BRIEF
Return the lines below in which the string "DIRECTION" occurs.

SUPPLIED MATERIAL
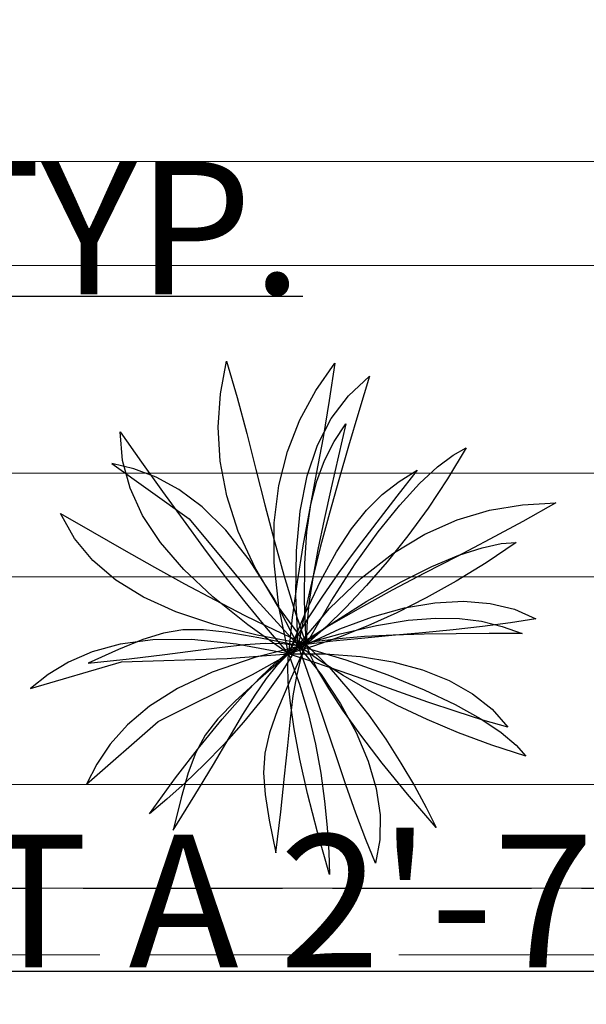
# Model space of a CAD drawing. Units: inches. Extents: x 351 to 1738, y -265 to 286.
# Tile 12 of 38: x 1142 to 1176, y -206 to -147. Entities that reach past the tile are written whole.
import ezdxf

# ---------------------------------------------------------------- set-up
doc = ezdxf.new("R2010")
doc.units = ezdxf.units.IN
doc.header["$MEASUREMENT"] = 0
doc.linetypes.add('ACAD_ISO02W100', pattern=[15, 12, -3])
for name, color, linetype, lineweight in [('A-ANNO-DIMS', 2, 'Continuous', 18), ('A-FLOR-OVHD', 1, 'ACAD_ISO02W100', 18), ('A-FLOR-PATT', 9, 'Continuous', 9)]:
    doc.layers.add(name, color=color, linetype=linetype, lineweight=lineweight)
doc.layers.add('CAY', color=94, linetype='Continuous')
doc.layers.add('DIENHOA', color=3, linetype='Continuous')
doc.styles.get("Standard").update_dxf_attribs({"font": 'arial.ttf'})
doc.dimstyles.get("Standard").update_dxf_attribs({"dimtxt": 8, "dimasz": 5, "dimexe": 0.18, "dimexo": 0.0625, "dimgap": 0.09, "dimtad": 1, "dimtoh": 1, "dimzin": 0, "dimdsep": 46, "dimlunit": 4, "dimtxsty": 'Standard', "dimcen": 0, "dimclre": 256, "dimadec": 0, "dimazin": 0, "dimtfac": 1, "dimtofl": 0, "dimtmove": 0, "dimatfit": 3, "dimfxl": 1, "dimtolj": 1, "dimtzin": 0, "dimlwe": -1, "dimarcsym": 0})

# ---------------------------------------------------------------- blocks, each defined once
blk = doc.blocks.new('Cay03_mb')
at = {"layer": 'DIENHOA'}
for p, q in [((118.6, 555.3), (166.2, 599.1)), ((166.2, 599.1), (142.2, 519.4)), ((79.5, 503.7), (118.6, 555.3)), ((142.2, 519.4), (119, 441.7)), ((48.6, 443.6), (79.5, 503.7)), ((25.5, 374.3), (48.6, 443.6)), ((119, 441.7), (96.7, 365.6)), ((-365.2, 390.3), (-414.4, 402.8)), ((-414.4, 402.8), (-240.2, 277.8)), ((-314.9, 371.3), (-365.2, 390.3)), ((-263.5, 343.5), (-314.9, 371.3)), ((9.9, 295.3), (25.5, 374.3)), ((96.7, 365.6), (75.6, 290.6)), ((-211.2, 304.6), (-263.5, 343.5)), ((511, 309.6), (585.9, 313.5)), ((585.9, 313.5), (511.8, 271.4)), ((-158, 252.3), (-211.2, 304.6)), ((1.6, 205.7), (9.9, 295.3)), ((75.6, 290.6), (55.7, 216.3)), ((363.4, 275.4), (436.8, 297.2)), ((436.8, 297.2), (511, 309.6)), ((-240.2, 277.8), (-88.4, 94.9)), ((290.6, 243.2), (363.4, 275.4)), ((511.8, 271.4), (437.6, 231.5)), ((-104.2, 184.4), (-158, 252.3)), ((218.5, 199.8), (290.6, 243.2)), ((437.6, 231.5), (363.7, 192.9)), ((0.2, 104.9), (1.6, 205.7)), ((55.7, 216.3), (37.3, 142.1)), ((-49.6, 98.5), (-104.2, 184.4)), ((147, 144.1), (218.5, 199.8)), ((363.7, 192.9), (290.2, 154.9)), ((37.3, 142.1), (20.5, 67.6)), ((75.9, 75.2), (147, 144.1)), ((290.2, 154.9), (217.4, 116.6)), ((217.4, 116.6), (145.5, 77.3)), ((-88.4, 94.9), (5.4, -7.8)), ((5.4, -7.8), (-49.6, 98.5)), ((5.4, -7.8), (0.2, 104.9)), ((5.4, -7.8), (75.9, 75.2)), ((20.5, 67.6), (5.4, -7.8)), ((145.5, 77.3), (74.7, 36.1)), ((182.2, 37.2), (253, 48.9)), ((253, 48.9), (314.6, 54.1)), ((314.6, 54.1), (369.2, 53.3)), ((369.2, 53.3), (418.6, 46.8)), ((418.6, 46.8), (464.9, 35.2)), ((-254.7, 27.4), (-298.6, 20.1)), ((-208, 27.8), (-254.7, 27.4)), ((-152.7, 21.7), (-208, 27.8)), ((74.7, 36.1), (5.4, -7.8)), ((100.3, 18.4), (182.2, 37.2)), ((464.9, 35.2), (510, 19)), ((-345, 5.4), (-399.6, -17.1)), ((-298.6, 20.1), (-345, 5.4)), ((-83.4, 9.7), (-152.7, 21.7)), ((5.4, -7.8), (-83.4, 9.7)), ((5.4, -7.8), (100.3, 18.4)), ((46.3, 0.9), (5.4, -7.8)), ((96.7, 7.5), (46.3, 0.9)), ((155, 12.2), (96.7, 7.5)), ((219.6, 15.4), (155, 12.2)), ((289, 17.4), (219.6, 15.4)), ((361.6, 18.5), (289, 17.4)), ((435.8, 18.9), (361.6, 18.5)), ((510, 19), (435.8, 18.9)), ((-399.6, -17.1), (-468, -47.9)), ((-295.3, -27.9), (-225.8, -18.9)), ((-225.8, -18.9), (-165.8, -11.3)), ((-165.8, -11.3), (-114, -5.7)), ((-114, -5.7), (-69, -2.9)), ((-69, -2.9), (-29.6, -3.4)), ((5.4, -7.8), (-33.2, -69.5)), ((-29.6, -3.4), (5.4, -7.8)), ((-16.5, -22.4), (5.4, -7.8)), ((5.4, -7.8), (56.8, -73.3)), ((25.9, -64.4), (5.4, -7.8)), ((5.4, -7.8), (112.8, -40.3)), ((53.5, -41.6), (5.4, -7.8)), ((-468, -47.9), (-375.6, -37.8)), ((-375.6, -37.8), (-295.3, -27.9)), ((-45.1, -46.3), (-16.5, -22.4)), ((107, -75.7), (53.5, -41.6)), ((112.8, -40.3), (207.5, -73.8)), ((-79.8, -79.6), (-45.1, -46.3)), ((47, -125.9), (25.9, -64.4)), ((-120.2, -122.1), (-79.8, -79.6)), ((-33.2, -69.5), (-74.6, -127.3)), ((56.8, -73.3), (100.4, -139.1)), ((165.5, -109.6), (107, -75.7)), ((207.5, -73.8), (289.5, -107.6)), ((228.7, -142.8), (165.5, -109.6)), ((289.5, -107.6), (359.3, -141.1)), ((-165.9, -174.1), (-120.2, -122.1)), ((-74.6, -127.3), (-117.8, -181.1)), ((68.7, -190.6), (47, -125.9)), ((100.4, -139.1), (135.9, -204.3)), ((296, -174.7), (228.7, -142.8)), ((359.3, -141.1), (416.9, -173.5)), ((-216.3, -235.6), (-165.9, -174.1)), ((367.1, -204.8), (296, -174.7)), ((416.9, -173.5), (462.6, -204.2)), ((-117.8, -181.1), (-162.1, -230.9)), ((90.8, -256.6), (68.7, -190.6)), ((135.9, -204.3), (162.8, -268.3)), ((441.6, -232.7), (367.1, -204.8)), ((462.6, -204.2), (496.5, -232.5)), ((-271, -306.6), (-216.3, -235.6)), ((-162.1, -230.9), (-206.3, -276.5)), ((518.9, -257.7), (441.6, -232.7)), ((496.5, -232.5), (518.9, -257.7)), ((113.1, -322.2), (90.8, -256.6)), ((-206.3, -276.5), (-249.6, -317.8)), ((162.8, -268.3), (181, -330.4)), ((-329.5, -387.1), (-271, -306.6)), ((-249.6, -317.8), (-291, -354.7)), ((135.4, -385.6), (113.1, -322.2)), ((181, -330.4), (190, -390)), ((-291, -354.7), (-329.5, -387.1)), ((157.6, -445), (135.4, -385.6)), ((190, -390), (189.6, -446.3)), ((179.5, -498.7), (157.6, -445)), ((189.6, -446.3), (179.5, -498.7))]:
    blk.add_line(p, q, dxfattribs=at)
for points in [[(23.7, -5.4), (-41, 82.2), (-91.8, 167.1), (-129.7, 249.5), (-155.6, 329.6), (-170.2, 407.8), (-174.7, 484.2), (-169.8, 559.3), (-156.5, 633.1)], [(-156.5, 633.1), (-132.5, 551.3), (-110.5, 470), (-89.8, 389.2), (-69.6, 309), (-49, 229.4), (-27.1, 150.4), (-3.2, 72.1), (23.7, -5.4)], [(-16.4, -26.7), (-38.3, 80), (-48.9, 178.3), (-48.7, 269), (-38.5, 352.6), (-19.1, 429.7), (9, 501), (44.9, 567.1), (87.9, 628.5)], [(87.9, 628.5), (75.5, 544.2), (61.3, 461.2), (46.1, 379.1), (30.8, 297.8), (16.1, 216.9), (2.9, 136), (-8.3, 54.9), (-16.4, -26.7)], [(23.7, -5.4), (19.8, 93), (20.3, 177), (25, 248.5), (34, 309.8), (47.3, 362.7), (64.9, 409.3), (86.8, 451.7), (112.9, 491.9)], [(112.9, 491.9), (96, 419.7), (79.5, 347.4), (63.9, 276.5), (50, 208.4), (38.4, 144.8), (29.7, 86.9), (24.6, 36.3), (23.7, -5.4)], [(-395.6, 473.7), (-347.5, 405.6), (-300.6, 339.5), (-254.3, 275.1), (-208.3, 212.3), (-161.9, 150.9), (-114.8, 90.7), (-66.5, 31.6), (-16.4, -26.7)], [(-16.4, -26.7), (-108.3, 38.6), (-186.9, 101.7), (-252.4, 163.5), (-305.1, 224.4), (-345.4, 285.2), (-373.7, 346.6), (-390.4, 409.2), (-395.6, 473.7)], [(384.3, 437.5), (342.2, 367.8), (298.1, 301.7), (252.6, 239.4), (206.1, 181.1), (159.4, 127.2), (113, 78), (67.6, 33.6), (23.7, -5.4)], [(23.7, -5.4), (79.9, 91.7), (134.1, 176.2), (185.8, 248.4), (234.3, 308.7), (279, 357.3), (319.3, 394.8), (354.6, 421.4), (384.3, 437.5)], [(273.2, 387.3), (227.6, 328.8), (182.3, 270.1), (138.4, 212.3), (97.2, 156.4), (60, 103.4), (27.8, 54.6), (1.9, 10.8), (-16.4, -26.7)], [(-16.4, -26.7), (21.4, 64.2), (57, 140.3), (91.4, 203.3), (125.2, 255.1), (159.5, 297.5), (195, 332.5), (232.7, 361.8), (273.2, 387.3)], [(-530.5, 289.7), (-458.3, 248.1), (-387.9, 207.8), (-318.9, 168.7), (-250.8, 131.1), (-182.9, 94.8), (-114.9, 59.9), (-46.2, 26.5), (23.7, -5.4)], [(23.7, -5.4), (-87.2, 15.2), (-185, 39.6), (-270.3, 68.2), (-343.7, 101.4), (-405.9, 139.7), (-457.3, 183.5), (-498.7, 233.4), (-530.5, 289.7)], [(496.7, 224), (429.4, 178.4), (361.6, 136.9), (294.1, 99.5), (227.5, 66.1), (162.4, 36.7), (99.7, 11.5), (39.8, -9.7), (-16.4, -26.7)], [(-16.4, -26.7), (75.4, 37.9), (160.1, 91.8), (237.3, 135.7), (306.6, 170), (367.6, 195.4), (419.9, 212.5), (463.1, 221.9), (496.7, 224)], [(23.7, -5.4), (99.3, 29.7), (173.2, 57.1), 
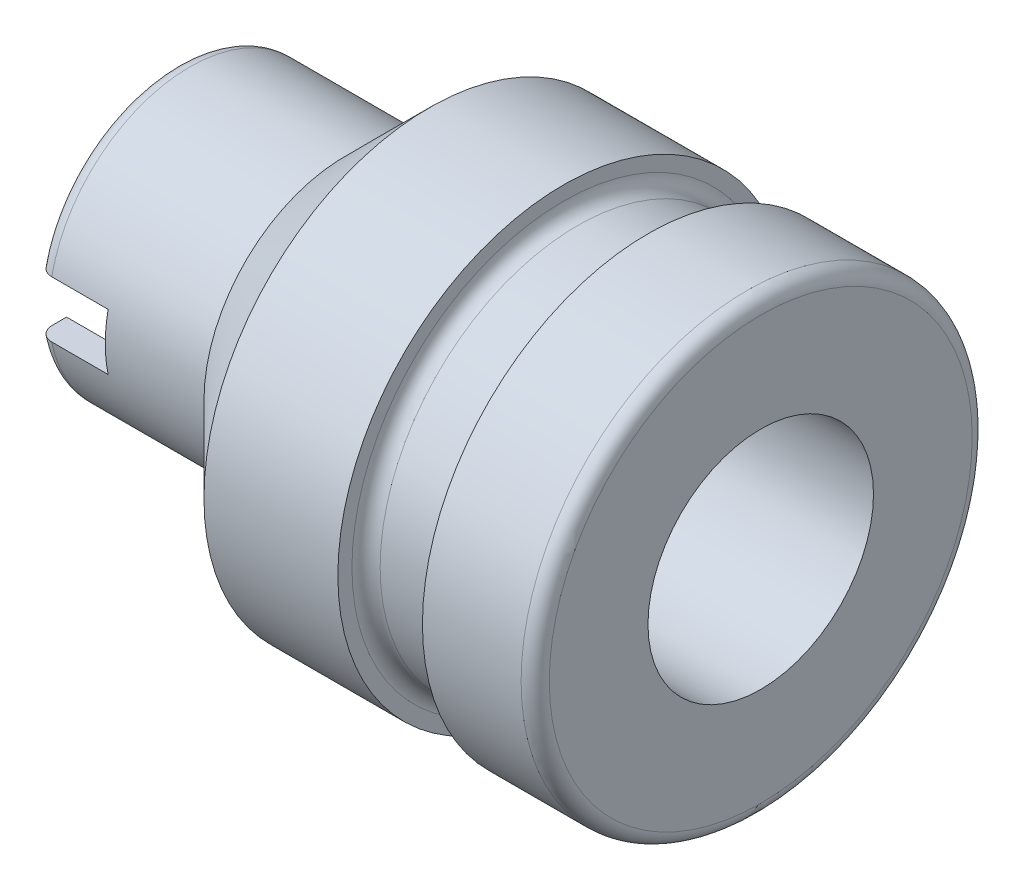
ISO-10303-21;
HEADER;
FILE_DESCRIPTION(('STEP AP214'),'2;1');
FILE_NAME('part.step','',(''),(''),'','','');
FILE_SCHEMA(('AUTOMOTIVE_DESIGN { 1 0 10303 214 1 1 1 1 }'));
ENDSEC;
DATA;
#1=APPLICATION_CONTEXT('core data for automotive mechanical design processes');
#2=APPLICATION_PROTOCOL_DEFINITION('international standard','automotive_design',2000,#1);
#3=PRODUCT_CONTEXT('',#1,'mechanical');
#4=PRODUCT('Part','Part','',(#3));
#5=PRODUCT_RELATED_PRODUCT_CATEGORY('part','',(#4));
#6=PRODUCT_DEFINITION_FORMATION('','',#4);
#7=PRODUCT_DEFINITION_CONTEXT('part definition',#1,'design');
#8=PRODUCT_DEFINITION('design','',#6,#7);
#9=PRODUCT_DEFINITION_SHAPE('','',#8);
#10=(LENGTH_UNIT() NAMED_UNIT(*) SI_UNIT(.MILLI.,.METRE.));
#11=(NAMED_UNIT(*) PLANE_ANGLE_UNIT() SI_UNIT($,.RADIAN.));
#12=(NAMED_UNIT(*) SI_UNIT($,.STERADIAN.) SOLID_ANGLE_UNIT());
#13=UNCERTAINTY_MEASURE_WITH_UNIT(LENGTH_MEASURE(1.E-05),#10,'distance_accuracy_value','');
#14=(GEOMETRIC_REPRESENTATION_CONTEXT(3) GLOBAL_UNCERTAINTY_ASSIGNED_CONTEXT((#13)) GLOBAL_UNIT_ASSIGNED_CONTEXT((#10,
#11,#12)) REPRESENTATION_CONTEXT('',''));
#15=CARTESIAN_POINT('',(0.,0.,0.));
#16=DIRECTION('',(0.,0.,1.));
#17=DIRECTION('',(1.,0.,0.));
#18=AXIS2_PLACEMENT_3D('',#15,#16,#17);
#19=CARTESIAN_POINT('',(0.,0.,0.));
#20=DIRECTION('',(-1.,0.,0.));
#21=DIRECTION('',(0.,0.,1.));
#22=AXIS2_PLACEMENT_3D('',#19,#20,#21);
#23=PLANE('',#22);
#24=DIRECTION('',(0.,0.,1.));
#25=VECTOR('',#24,1.);
#26=CARTESIAN_POINT('',(0.,10.,-16.));
#27=LINE('',#26,#25);
#28=CARTESIAN_POINT('',(0.,10.,7.74596669241483));
#29=VERTEX_POINT('',#28);
#30=CARTESIAN_POINT('',(0.,10.,8.7749643873921));
#31=VERTEX_POINT('',#30);
#32=EDGE_CURVE('E194',#29,#31,#27,.T.);
#33=ORIENTED_EDGE('',*,*,#32,.T.);
#34=CARTESIAN_POINT('',(0.,8.,0.));
#35=DIRECTION('',(-1.,0.,0.));
#36=DIRECTION('',(0.,0.,1.));
#37=AXIS2_PLACEMENT_3D('',#34,#35,#36);
#38=CIRCLE('',#37,8.99999999999998);
#39=CARTESIAN_POINT('',(0.,10.,-8.77496438739202));
#40=VERTEX_POINT('',#39);
#41=EDGE_CURVE('E220',#31,#40,#38,.T.);
#42=ORIENTED_EDGE('',*,*,#41,.T.);
#43=CARTESIAN_POINT('',(0.,10.,-7.74596669241483));
#44=VERTEX_POINT('',#43);
#45=EDGE_CURVE('E193',#40,#44,#27,.T.);
#46=ORIENTED_EDGE('',*,*,#45,.T.);
#47=CARTESIAN_POINT('',(0.,8.,0.));
#48=DIRECTION('',(-1.,0.,0.));
#49=DIRECTION('',(0.,0.,1.));
#50=AXIS2_PLACEMENT_3D('',#47,#48,#49);
#51=CIRCLE('',#50,8.);
#52=EDGE_CURVE('E223',#29,#44,#51,.T.);
#53=ORIENTED_EDGE('',*,*,#52,.F.);
#54=EDGE_LOOP('',(#33,#42,#46,#53));
#55=FACE_BOUND('',#54,.T.);
#56=ADVANCED_FACE('F44',(#55),#23,.T.);
#57=CARTESIAN_POINT('',(1.,8.,0.));
#58=DIRECTION('',(-1.,0.,0.));
#59=DIRECTION('',(0.,0.,1.));
#60=AXIS2_PLACEMENT_3D('',#57,#58,#59);
#61=TOROIDAL_SURFACE('',#60,8.99999999999998,1.);
#62=CARTESIAN_POINT('',(0.511306825927035,10.,-9.6677495790696));
#63=CARTESIAN_POINT('',(0.559308281722965,10.,-9.69520351096408));
#64=CARTESIAN_POINT('',(0.609639032154946,10.,-9.71865802064844));
#65=CARTESIAN_POINT('',(0.713558242155809,10.,-9.75681559968103));
#66=CARTESIAN_POINT('',(0.767149945956613,10.,-9.77150979140529));
#67=CARTESIAN_POINT('',(0.876043559476013,10.,-9.79166035519747));
#68=CARTESIAN_POINT('',(0.931345300899028,10.,-9.79711763340043));
#69=CARTESIAN_POINT('',(1.04206355524924,10.,-9.79861988345027));
#70=CARTESIAN_POINT('',(1.09748004028236,10.,-9.7946669235582));
#71=CARTESIAN_POINT('',(1.20660988208594,10.,-9.77751812422735));
#72=CARTESIAN_POINT('',(1.26032970143437,10.,-9.76436334861136));
#73=CARTESIAN_POINT('',(1.36481599217086,10.,-9.72926499149187));
#74=CARTESIAN_POINT('',(1.41558235227585,10.,-9.70732107906873));
#75=CARTESIAN_POINT('',(1.51301248392595,10.,-9.65518458376579));
#76=CARTESIAN_POINT('',(1.5596543139653,10.,-9.62495102864483));
#77=CARTESIAN_POINT('',(1.647298612418,10.,-9.5571938737038));
#78=CARTESIAN_POINT('',(1.68830072482487,10.,-9.51966981403191));
#79=CARTESIAN_POINT('',(1.76419505830093,10.,-9.43779402545148));
#80=CARTESIAN_POINT('',(1.79898312438137,10.,-9.39334578929934));
#81=CARTESIAN_POINT('',(1.86078526900064,10.,-9.29934095322765));
#82=CARTESIAN_POINT('',(1.88779856031153,10.,-9.24978383670244));
#83=CARTESIAN_POINT('',(1.93389245120233,10.,-9.14584851749056));
#84=CARTESIAN_POINT('',(1.95279295699506,10.,-9.09139044671483));
#85=CARTESIAN_POINT('',(1.98138125003641,10.,-8.98010780940885));
#86=CARTESIAN_POINT('',(1.99106799193015,10.,-8.9232829751188));
#87=CARTESIAN_POINT('',(2.00112427890071,10.,-8.80768146328481));
#88=CARTESIAN_POINT('',(2.00130601462751,10.,-8.74888840256496));
#89=CARTESIAN_POINT('',(1.9919017520578,10.,-8.63208632529093));
#90=CARTESIAN_POINT('',(1.98231495867919,10.,-8.57407737294647));
#91=CARTESIAN_POINT('',(1.95348329284294,10.,-8.45989655601053));
#92=CARTESIAN_POINT('',(1.93414395709675,10.,-8.40374849719579));
#93=CARTESIAN_POINT('',(1.8862524674463,10.,-8.29552412270311));
#94=CARTESIAN_POINT('',(1.85770032889892,10.,-8.24344780023816));
#95=CARTESIAN_POINT('',(1.79234125019335,10.,-8.14526750270985));
#96=CARTESIAN_POINT('',(1.75559179207176,10.,-8.09912530594951));
#97=CARTESIAN_POINT('',(1.67469797107571,10.,-8.01385024714823));
#98=CARTESIAN_POINT('',(1.63055451541159,10.,-7.97471652641611));
#99=CARTESIAN_POINT('',(1.53721783151604,10.,-7.90558984461912));
#100=CARTESIAN_POINT('',(1.48816814766731,10.,-7.87540317887255));
#101=CARTESIAN_POINT('',(1.38557805500345,10.,-7.82398855871157));
#102=CARTESIAN_POINT('',(1.33203850957662,10.,-7.80275888660533));
#103=CARTESIAN_POINT('',(1.22370997690863,10.,-7.77050867101741));
#104=CARTESIAN_POINT('',(1.16900603361279,10.,-7.75920221435131));
#105=CARTESIAN_POINT('',(1.05847182518937,10.,-7.74613510599163));
#106=CARTESIAN_POINT('',(1.00264171380159,10.,-7.74437316005553));
#107=CARTESIAN_POINT('',(0.892582708877808,10.,-7.75039635440434));
#108=CARTESIAN_POINT('',(0.838343678634541,10.,-7.75799839748392));
#109=CARTESIAN_POINT('',(0.731908480522575,10.,-7.78217880416063));
#110=CARTESIAN_POINT('',(0.679712293696711,10.,-7.79875708443894));
#111=CARTESIAN_POINT('',(0.578658081208827,10.,-7.84039550056985));
#112=CARTESIAN_POINT('',(0.529809656562754,10.,-7.86547889710702));
#113=CARTESIAN_POINT('',(0.43689225974382,10.,-7.92331749551591));
#114=CARTESIAN_POINT('',(0.392823751135206,10.,-7.95607344051264));
#115=CARTESIAN_POINT('',(0.309637769043108,10.,-8.02908979521609));
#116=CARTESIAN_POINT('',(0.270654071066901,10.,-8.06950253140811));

ANSWER AREA
#16=DIRECTION('',(0.,0.,1.));
#17=DIRECTION('',(1.,0.,0.));
#20=DIRECTION('',(-1.,0.,0.));
#21=DIRECTION('',(0.,0.,1.));
#24=DIRECTION('',(0.,0.,1.));
#35=DIRECTION('',(-1.,0.,0.));
#36=DIRECTION('',(0.,0.,1.));
#48=DIRECTION('',(-1.,0.,0.));
#49=DIRECTION('',(0.,0.,1.));
#58=DIRECTION('',(-1.,0.,0.));
#59=DIRECTION('',(0.,0.,1.));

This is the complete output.